> **Problem requirements**
Wherever a picture appears in the listing, leave it out, and copy the rest exactly.

> **Records shown**
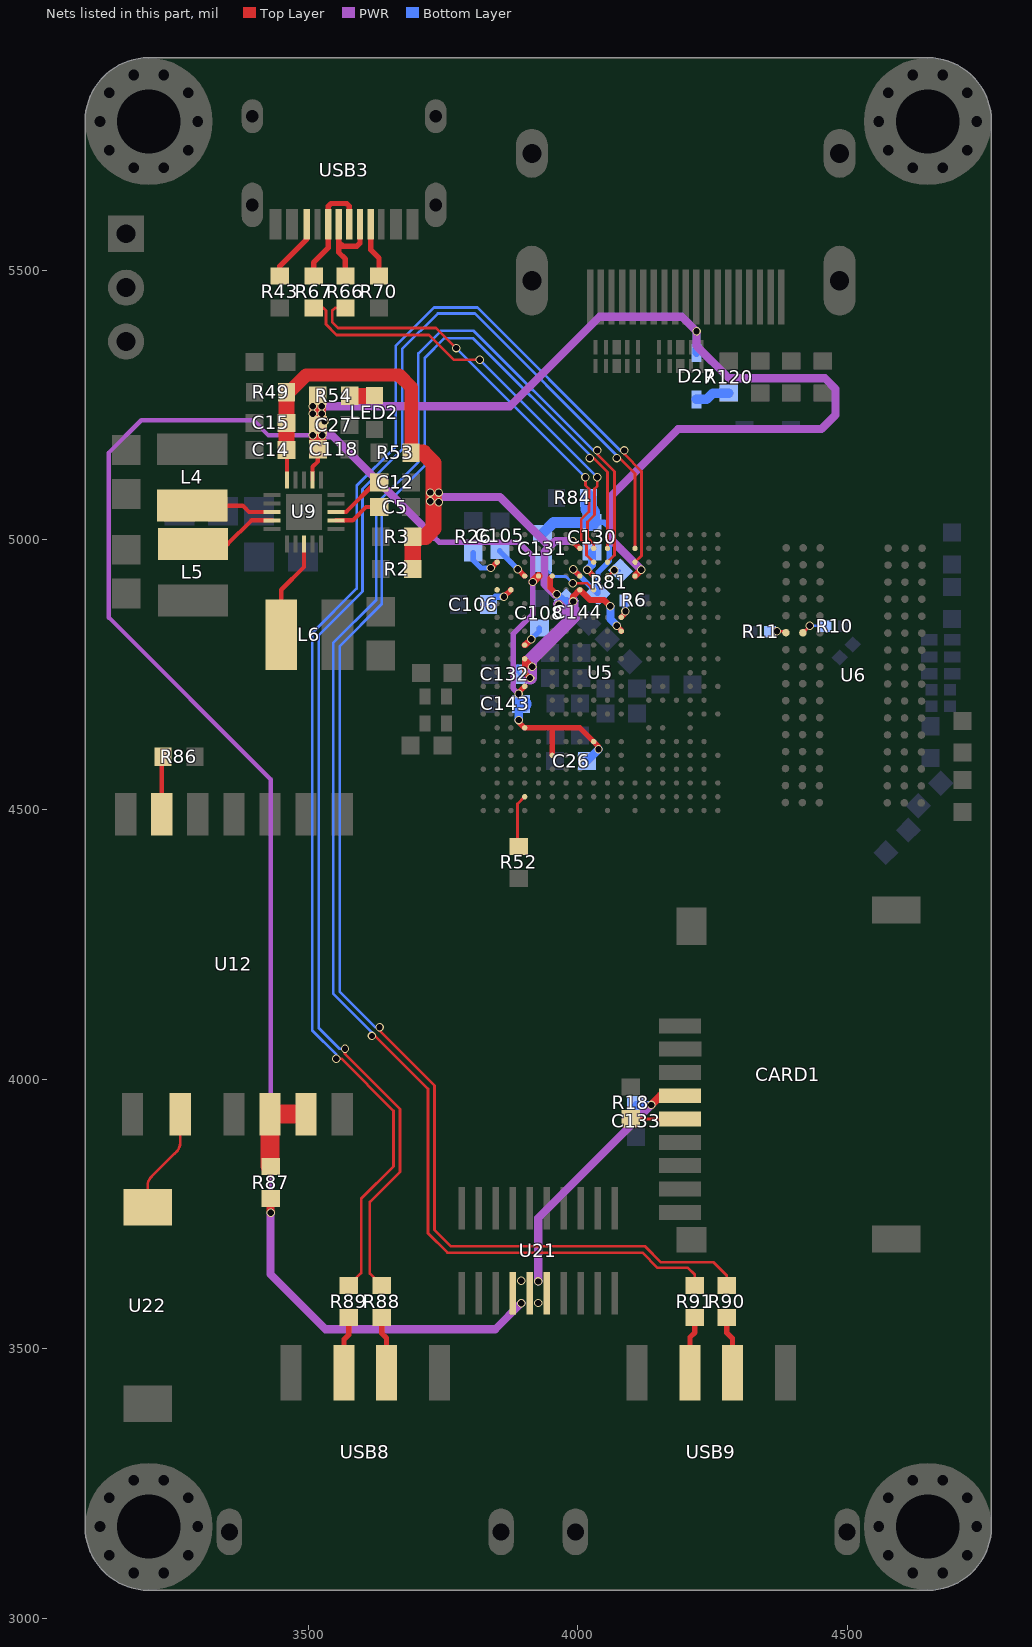
[diagram p0: the nets of this part, all layers, seen from the top]
# Altium PCB MISC105417.pcbdoc (part 2 of 5)
Units mil, origin at the board's own origin, x right, y up, seen from the top; angles counter-clockwise.
Board outline 1681.1 x 2842.52 mil, 4 copper layers (Top Layer, GND, PWR, Bottom Layer), stack 62.447 mil thick; 102 components, 152 nets, 737 pads, 611 vias.

## Footprints (in the part's own frame and the unit in brackets; to place one, negate y for a bottom-side part, rotate by r counter-clockwise, add the part's x,y. Pads: shape width x height; smd on the part's side, far side on the other; paste and mask are expansions set on the pad) (continued)
FBGA96 [mil]
  round 14 smd: A1(-128.47,241.36) A2(-96.97,241.37) A3(-65.47,241.38) A7(60.53,241.42) A8(92.03,241.43) A9(123.53,241.44) B1(-128.46,209.86) B2(-96.96,209.87) B3(-65.46,209.88) B7(60.54,209.92) B8(92.04,209.93) B9(123.54,209.94) C1(-128.46,178.36) C2(-96.96,178.37) C3(-65.46,178.38) C7(60.54,178.42) C8(92.04,178.43) C9(123.54,178.44) D1(-128.45,146.86) D2(-96.95,146.87) D3(-65.45,146.88) D7(60.55,146.92) D8(92.05,146.93) D9(123.55,146.94) E1(-128.44,115.36) E2(-96.94,115.37) E3(-65.44,115.38) E7(60.56,115.42) E8(92.06,115.43) E9(123.56,115.44) F1(-128.43,83.86) F2(-96.93,83.87) F3(-65.43,83.88) F7(60.57,83.92) F8(92.07,83.93) F9(123.57,83.94) G1(-128.42,52.36) G2(-96.92,52.37) G3(-65.42,52.38) G7(60.58,52.42) G8(92.08,52.43) G9(123.58,52.44) H1(-128.41,20.86) H2(-96.91,20.87) H3(-65.41,20.88) H7(60.59,20.92) H8(92.09,20.93) H9(123.59,20.94) J1(-128.4,-10.64) J2(-96.9,-10.63) J3(-65.4,-10.62) J7(60.6,-10.58) J8(92.1,-10.57) J9(123.6,-10.56) K1(-128.39,-42.14) K2(-96.89,-42.13) K3(-65.39,-42.12) K7(60.61,-42.08) K8(92.11,-42.07) K9(123.61,-42.06) L1(-128.38,-73.64) L2(-96.88,-73.63) L3(-65.38,-73.62) L7(60.62,-73.58) L8(92.12,-73.57) L9(123.62,-73.56) M1(-128.37,-105.14) M2(-96.87,-105.13) M3(-65.37,-105.12) M7(60.63,-105.08) M8(92.13,-105.07) M9(123.63,-105.06) N1(-128.36,-136.64) N2(-96.86,-136.63) N3(-65.36,-136.62) N7(60.64,-136.58) N8(92.14,-136.57) N9(123.64,-136.56) P1(-128.35,-168.14) P2(-96.85,-168.13) P3(-65.35,-168.12) P7(60.65,-168.08) P8(92.15,-168.07) P9(123.65,-168.06) R1(-128.34,-199.64) R2(-96.84,-199.63) R3(-65.34,-199.62) R7(60.66,-199.58) R8(92.16,-199.57) R9(123.66,-199.56) T1(-128.33,-231.14) T2(-96.83,-231.13) T3(-65.33,-231.12) T7(60.67,-231.08) T8(92.17,-231.07) T9(123.67,-231.06)
  silkscreen extent -180,-270 175,281
HDMI-SMD_HDMI-19PIN-043 [mm]
  rect 0.3x2.6 smd paste-100 mask+0.05: 1(4.5,3.38) 2(4,3.38) 3(3.5,3.38) 4(3,3.38) 5(2.5,3.38) 6(2,3.38) 7(1.5,3.38) 8(1,3.38) 9(0.5,3.38) 10(0,3.38) 11(-0.5,3.38) 12(-1,3.38) 13(-1.5,3.38) 14(-2,3.38) 15(-2.5,3.38) 16(-3,3.38) 17(-3.5,3.38) 18(-4,3.38) 19(-4.5,3.38)
  oval 1.5x2.3 hole 0.9 slot 1.7 at 90 deg paste+0 mask+0.05: 20(-7.25,-3.38) 20(7.25,-3.38)
  oval 1.5x3.3 hole 0.9 slot 2.7 at 90 deg paste+0 mask+0.05: 20(-7.25,2.62) 20(7.25,2.62)
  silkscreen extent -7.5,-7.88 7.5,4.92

> **Exercise answer**
[diagram p0: the nets of this part, all layers, seen from the top]
# Altium PCB MISC105417.pcbdoc (part 2 of 5)
Units mil, origin at the board's own origin, x right, y up, seen from the top; angles counter-clockwise.
Board outline 1681.1 x 2842.52 mil, 4 copper layers (Top Layer, GND, PWR, Bottom Layer), stack 62.447 mil thick; 102 components, 152 nets, 737 pads, 611 vias.

## Footprints (in the part's own frame and the unit in brackets; to place one, negate y for a bottom-side part, rotate by r counter-clockwise, add the part's x,y. Pads: shape width x height; smd on the part's side, far side on the other; paste and mask are expansions set on the pad) (continued)
FBGA96 [mil]
  round 14 smd: A1(-128.47,241.36) A2(-96.97,241.37) A3(-65.47,241.38) A7(60.53,241.42) A8(92.03,241.43) A9(123.53,241.44) B1(-128.46,209.86) B2(-96.96,209.87) B3(-65.46,209.88) B7(60.54,209.92) B8(92.04,209.93) B9(123.54,209.94) C1(-128.46,178.36) C2(-96.96,178.37) C3(-65.46,178.38) C7(60.54,178.42) C8(92.04,178.43) C9(123.54,178.44) D1(-128.45,146.86) D2(-96.95,146.87) D3(-65.45,146.88) D7(60.55,146.92) D8(92.05,146.93) D9(123.55,146.94) E1(-128.44,115.36) E2(-96.94,115.37) E3(-65.44,115.38) E7(60.56,115.42) E8(92.06,115.43) E9(123.56,115.44) F1(-128.43,83.86) F2(-96.93,83.87) F3(-65.43,83.88) F7(60.57,83.92) F8(92.07,83.93) F9(123.57,83.94) G1(-128.42,52.36) G2(-96.92,52.37) G3(-65.42,52.38) G7(60.58,52.42) G8(92.08,52.43) G9(123.58,52.44) H1(-128.41,20.86) H2(-96.91,20.87) H3(-65.41,20.88) H7(60.59,20.92) H8(92.09,20.93) H9(123.59,20.94) J1(-128.4,-10.64) J2(-96.9,-10.63) J3(-65.4,-10.62) J7(60.6,-10.58) J8(92.1,-10.57) J9(123.6,-10.56) K1(-128.39,-42.14) K2(-96.89,-42.13) K3(-65.39,-42.12) K7(60.61,-42.08) K8(92.11,-42.07) K9(123.61,-42.06) L1(-128.38,-73.64) L2(-96.88,-73.63) L3(-65.38,-73.62) L7(60.62,-73.58) L8(92.12,-73.57) L9(123.62,-73.56) M1(-128.37,-105.14) M2(-96.87,-105.13) M3(-65.37,-105.12) M7(60.63,-105.08) M8(92.13,-105.07) M9(123.63,-105.06) N1(-128.36,-136.64) N2(-96.86,-136.63) N3(-65.36,-136.62) N7(60.64,-136.58) N8(92.14,-136.57) N9(123.64,-136.56) P1(-128.35,-168.14) P2(-96.85,-168.13) P3(-65.35,-168.12) P7(60.65,-168.08) P8(92.15,-168.07) P9(123.65,-168.06) R1(-128.34,-199.64) R2(-96.84,-199.63) R3(-65.34,-199.62) R7(60.66,-199.58) R8(92.16,-199.57) R9(123.66,-199.56) T1(-128.33,-231.14) T2(-96.83,-231.13) T3(-65.33,-231.12) T7(60.67,-231.08) T8(92.17,-231.07) T9(123.67,-231.06)
  silkscreen extent -180,-270 175,281
HDMI-SMD_HDMI-19PIN-043 [mm]
  rect 0.3x2.6 smd paste-100 mask+0.05: 1(4.5,3.38) 2(4,3.38) 3(3.5,3.38) 4(3,3.38) 5(2.5,3.38) 6(2,3.38) 7(1.5,3.38) 8(1,3.38) 9(0.5,3.38) 10(0,3.38) 11(-0.5,3.38) 12(-1,3.38) 13(-1.5,3.38) 14(-2,3.38) 15(-2.5,3.38) 16(-3,3.38) 17(-3.5,3.38) 18(-4,3.38) 19(-4.5,3.38)
  oval 1.5x2.3 hole 0.9 slot 1.7 at 90 deg paste+0 mask+0.05: 20(-7.25,-3.38) 20(7.25,-3.38)
  oval 1.5x3.3 hole 0.9 slot 2.7 at 90 deg paste+0 mask+0.05: 20(-7.25,2.62) 20(7.25,2.62)
  silkscreen extent -7.5,-7.88 7.5,4.92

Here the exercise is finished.